* **Exercise instructions**: Repeat the lines of the data exactly, from the first one through the one that contains "color=color, linetype=linetype, lineweight=lineweight)".

* **Information supplied**:
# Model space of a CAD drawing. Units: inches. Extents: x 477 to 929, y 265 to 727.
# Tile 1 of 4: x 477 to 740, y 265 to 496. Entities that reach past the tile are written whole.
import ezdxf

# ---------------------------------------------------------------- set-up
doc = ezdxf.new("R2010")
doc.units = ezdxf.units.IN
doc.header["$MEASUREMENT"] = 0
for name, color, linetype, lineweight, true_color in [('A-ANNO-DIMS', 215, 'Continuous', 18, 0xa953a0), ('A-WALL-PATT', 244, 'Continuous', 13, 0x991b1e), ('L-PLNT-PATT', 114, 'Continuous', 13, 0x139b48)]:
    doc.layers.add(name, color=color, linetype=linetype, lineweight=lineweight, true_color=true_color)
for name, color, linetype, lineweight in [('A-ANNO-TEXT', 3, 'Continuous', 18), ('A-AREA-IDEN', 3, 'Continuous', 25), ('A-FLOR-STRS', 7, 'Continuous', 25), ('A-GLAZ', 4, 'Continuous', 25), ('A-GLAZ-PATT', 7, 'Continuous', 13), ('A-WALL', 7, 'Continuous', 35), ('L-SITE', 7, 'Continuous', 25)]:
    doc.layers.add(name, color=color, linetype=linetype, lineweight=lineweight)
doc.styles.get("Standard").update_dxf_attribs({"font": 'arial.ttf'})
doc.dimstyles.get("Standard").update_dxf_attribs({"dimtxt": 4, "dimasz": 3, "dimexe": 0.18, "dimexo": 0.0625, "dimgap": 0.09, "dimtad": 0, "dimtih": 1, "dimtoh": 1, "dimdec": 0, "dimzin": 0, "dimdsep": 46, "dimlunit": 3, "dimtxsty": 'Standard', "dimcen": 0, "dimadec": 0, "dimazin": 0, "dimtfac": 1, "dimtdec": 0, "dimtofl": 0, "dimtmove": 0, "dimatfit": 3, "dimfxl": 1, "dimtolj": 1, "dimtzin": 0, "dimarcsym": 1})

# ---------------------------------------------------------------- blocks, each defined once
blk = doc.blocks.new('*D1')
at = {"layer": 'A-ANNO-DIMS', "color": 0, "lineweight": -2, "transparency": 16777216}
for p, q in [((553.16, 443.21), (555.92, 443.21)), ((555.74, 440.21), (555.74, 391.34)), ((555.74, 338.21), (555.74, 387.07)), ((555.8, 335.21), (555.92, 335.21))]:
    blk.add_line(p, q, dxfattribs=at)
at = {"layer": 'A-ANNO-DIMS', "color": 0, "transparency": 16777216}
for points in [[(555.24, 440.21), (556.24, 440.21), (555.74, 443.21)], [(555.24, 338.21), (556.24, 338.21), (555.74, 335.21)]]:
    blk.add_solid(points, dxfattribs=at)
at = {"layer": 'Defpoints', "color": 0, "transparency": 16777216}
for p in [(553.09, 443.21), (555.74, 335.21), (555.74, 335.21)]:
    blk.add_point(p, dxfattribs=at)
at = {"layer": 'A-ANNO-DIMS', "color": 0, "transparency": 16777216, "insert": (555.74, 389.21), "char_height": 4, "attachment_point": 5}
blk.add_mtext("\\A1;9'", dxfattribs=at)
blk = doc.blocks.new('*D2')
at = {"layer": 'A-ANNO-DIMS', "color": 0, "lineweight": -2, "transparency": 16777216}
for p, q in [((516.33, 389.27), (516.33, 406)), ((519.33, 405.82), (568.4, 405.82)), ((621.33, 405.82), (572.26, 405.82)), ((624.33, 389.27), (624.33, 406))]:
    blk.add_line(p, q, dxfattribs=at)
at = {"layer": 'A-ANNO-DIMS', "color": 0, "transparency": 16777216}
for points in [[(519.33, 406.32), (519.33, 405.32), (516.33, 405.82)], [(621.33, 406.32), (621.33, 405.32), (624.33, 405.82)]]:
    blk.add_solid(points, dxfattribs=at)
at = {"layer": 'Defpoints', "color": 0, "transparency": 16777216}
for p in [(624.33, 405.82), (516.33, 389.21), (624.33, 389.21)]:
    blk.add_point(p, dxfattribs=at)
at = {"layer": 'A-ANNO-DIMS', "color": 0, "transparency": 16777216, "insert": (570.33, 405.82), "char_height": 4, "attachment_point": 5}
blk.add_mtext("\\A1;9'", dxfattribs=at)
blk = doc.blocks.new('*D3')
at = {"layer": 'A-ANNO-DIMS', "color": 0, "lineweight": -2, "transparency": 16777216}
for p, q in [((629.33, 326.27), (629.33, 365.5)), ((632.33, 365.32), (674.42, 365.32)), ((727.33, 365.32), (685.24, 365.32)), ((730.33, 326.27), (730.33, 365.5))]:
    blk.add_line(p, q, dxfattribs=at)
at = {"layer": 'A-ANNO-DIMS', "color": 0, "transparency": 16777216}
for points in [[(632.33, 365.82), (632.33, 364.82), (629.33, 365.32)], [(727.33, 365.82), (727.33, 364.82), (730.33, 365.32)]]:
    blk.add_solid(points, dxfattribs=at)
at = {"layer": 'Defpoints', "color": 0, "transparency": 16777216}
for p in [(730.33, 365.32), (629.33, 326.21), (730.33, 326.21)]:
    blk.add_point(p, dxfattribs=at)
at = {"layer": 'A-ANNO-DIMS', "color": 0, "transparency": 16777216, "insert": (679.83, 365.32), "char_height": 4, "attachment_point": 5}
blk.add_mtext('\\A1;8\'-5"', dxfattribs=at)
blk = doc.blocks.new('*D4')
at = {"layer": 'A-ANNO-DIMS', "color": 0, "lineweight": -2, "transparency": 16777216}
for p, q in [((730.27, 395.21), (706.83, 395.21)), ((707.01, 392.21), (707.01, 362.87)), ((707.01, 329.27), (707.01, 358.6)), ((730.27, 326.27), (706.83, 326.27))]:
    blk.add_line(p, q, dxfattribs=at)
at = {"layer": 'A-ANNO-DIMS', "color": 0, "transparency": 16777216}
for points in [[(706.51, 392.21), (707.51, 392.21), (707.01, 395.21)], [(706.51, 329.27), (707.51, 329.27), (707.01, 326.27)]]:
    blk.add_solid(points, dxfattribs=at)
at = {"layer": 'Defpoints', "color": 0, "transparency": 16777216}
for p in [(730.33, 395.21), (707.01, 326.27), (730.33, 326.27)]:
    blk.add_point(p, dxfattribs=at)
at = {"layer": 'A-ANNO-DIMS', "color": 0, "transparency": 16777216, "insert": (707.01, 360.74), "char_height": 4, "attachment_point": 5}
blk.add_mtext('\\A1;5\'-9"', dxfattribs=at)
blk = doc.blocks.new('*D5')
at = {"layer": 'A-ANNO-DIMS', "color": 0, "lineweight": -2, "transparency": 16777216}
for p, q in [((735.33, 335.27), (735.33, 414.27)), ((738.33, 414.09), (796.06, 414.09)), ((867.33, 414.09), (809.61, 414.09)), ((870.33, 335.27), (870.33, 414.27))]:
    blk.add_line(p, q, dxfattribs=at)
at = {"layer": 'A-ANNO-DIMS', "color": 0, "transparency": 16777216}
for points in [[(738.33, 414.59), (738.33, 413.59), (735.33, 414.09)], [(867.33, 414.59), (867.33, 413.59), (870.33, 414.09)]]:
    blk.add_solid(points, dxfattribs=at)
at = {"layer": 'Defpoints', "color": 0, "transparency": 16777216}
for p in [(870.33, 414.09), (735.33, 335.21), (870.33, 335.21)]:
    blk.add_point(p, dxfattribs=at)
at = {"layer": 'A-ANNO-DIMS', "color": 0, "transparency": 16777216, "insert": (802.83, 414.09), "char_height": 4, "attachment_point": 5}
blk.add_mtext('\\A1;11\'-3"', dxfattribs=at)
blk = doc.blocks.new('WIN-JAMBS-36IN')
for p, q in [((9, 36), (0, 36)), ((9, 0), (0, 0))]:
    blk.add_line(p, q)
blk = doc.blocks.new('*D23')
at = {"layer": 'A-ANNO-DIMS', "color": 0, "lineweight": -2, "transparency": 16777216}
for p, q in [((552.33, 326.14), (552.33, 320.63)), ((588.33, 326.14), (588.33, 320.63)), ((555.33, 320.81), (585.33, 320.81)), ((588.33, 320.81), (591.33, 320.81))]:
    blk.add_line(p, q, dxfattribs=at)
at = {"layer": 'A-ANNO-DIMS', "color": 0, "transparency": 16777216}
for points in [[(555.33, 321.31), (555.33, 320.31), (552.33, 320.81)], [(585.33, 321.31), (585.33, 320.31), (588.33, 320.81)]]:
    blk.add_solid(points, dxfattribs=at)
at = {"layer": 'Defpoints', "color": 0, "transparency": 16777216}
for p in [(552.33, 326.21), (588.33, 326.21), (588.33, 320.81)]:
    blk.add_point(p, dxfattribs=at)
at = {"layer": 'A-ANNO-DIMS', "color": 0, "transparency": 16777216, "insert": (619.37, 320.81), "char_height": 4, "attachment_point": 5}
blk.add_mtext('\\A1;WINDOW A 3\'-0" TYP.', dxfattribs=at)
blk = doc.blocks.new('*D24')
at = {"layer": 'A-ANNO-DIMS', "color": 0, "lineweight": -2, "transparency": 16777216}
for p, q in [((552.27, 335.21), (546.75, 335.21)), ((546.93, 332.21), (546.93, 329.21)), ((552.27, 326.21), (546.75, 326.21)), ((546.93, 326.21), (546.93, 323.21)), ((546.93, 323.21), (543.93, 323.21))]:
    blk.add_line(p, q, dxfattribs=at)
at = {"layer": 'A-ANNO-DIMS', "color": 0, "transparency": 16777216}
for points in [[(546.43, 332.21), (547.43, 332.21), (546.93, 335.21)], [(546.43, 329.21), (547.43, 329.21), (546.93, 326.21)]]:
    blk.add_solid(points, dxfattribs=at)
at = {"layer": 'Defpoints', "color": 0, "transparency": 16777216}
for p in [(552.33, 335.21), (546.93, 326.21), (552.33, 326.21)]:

* **Answer space**:
# Model space of a CAD drawing. Units: inches. Extents: x 477 to 929, y 265 to 727.
# Tile 1 of 4: x 477 to 740, y 265 to 496. Entities that reach past the tile are written whole.
import ezdxf

# ---------------------------------------------------------------- set-up
doc = ezdxf.new("R2010")
doc.units = ezdxf.units.IN
doc.header["$MEASUREMENT"] = 0
for name, color, linetype, lineweight, true_color in [('A-ANNO-DIMS', 215, 'Continuous', 18, 0xa953a0), ('A-WALL-PATT', 244, 'Continuous', 13, 0x991b1e), ('L-PLNT-PATT', 114, 'Continuous', 13, 0x139b48)]:
    doc.layers.add(name, color=color, linetype=linetype, lineweight=lineweight, true_color=true_color)
for name, color, linetype, lineweight in [('A-ANNO-TEXT', 3, 'Continuous', 18), ('A-AREA-IDEN', 3, 'Continuous', 25), ('A-FLOR-STRS', 7, 'Continuous', 25), ('A-GLAZ', 4, 'Continuous', 25), ('A-GLAZ-PATT', 7, 'Continuous', 13), ('A-WALL', 7, 'Continuous', 35), ('L-SITE', 7, 'Continuous', 25)]:
    doc.layers.add(name, color=color, linetype=linetype, lineweight=lineweight)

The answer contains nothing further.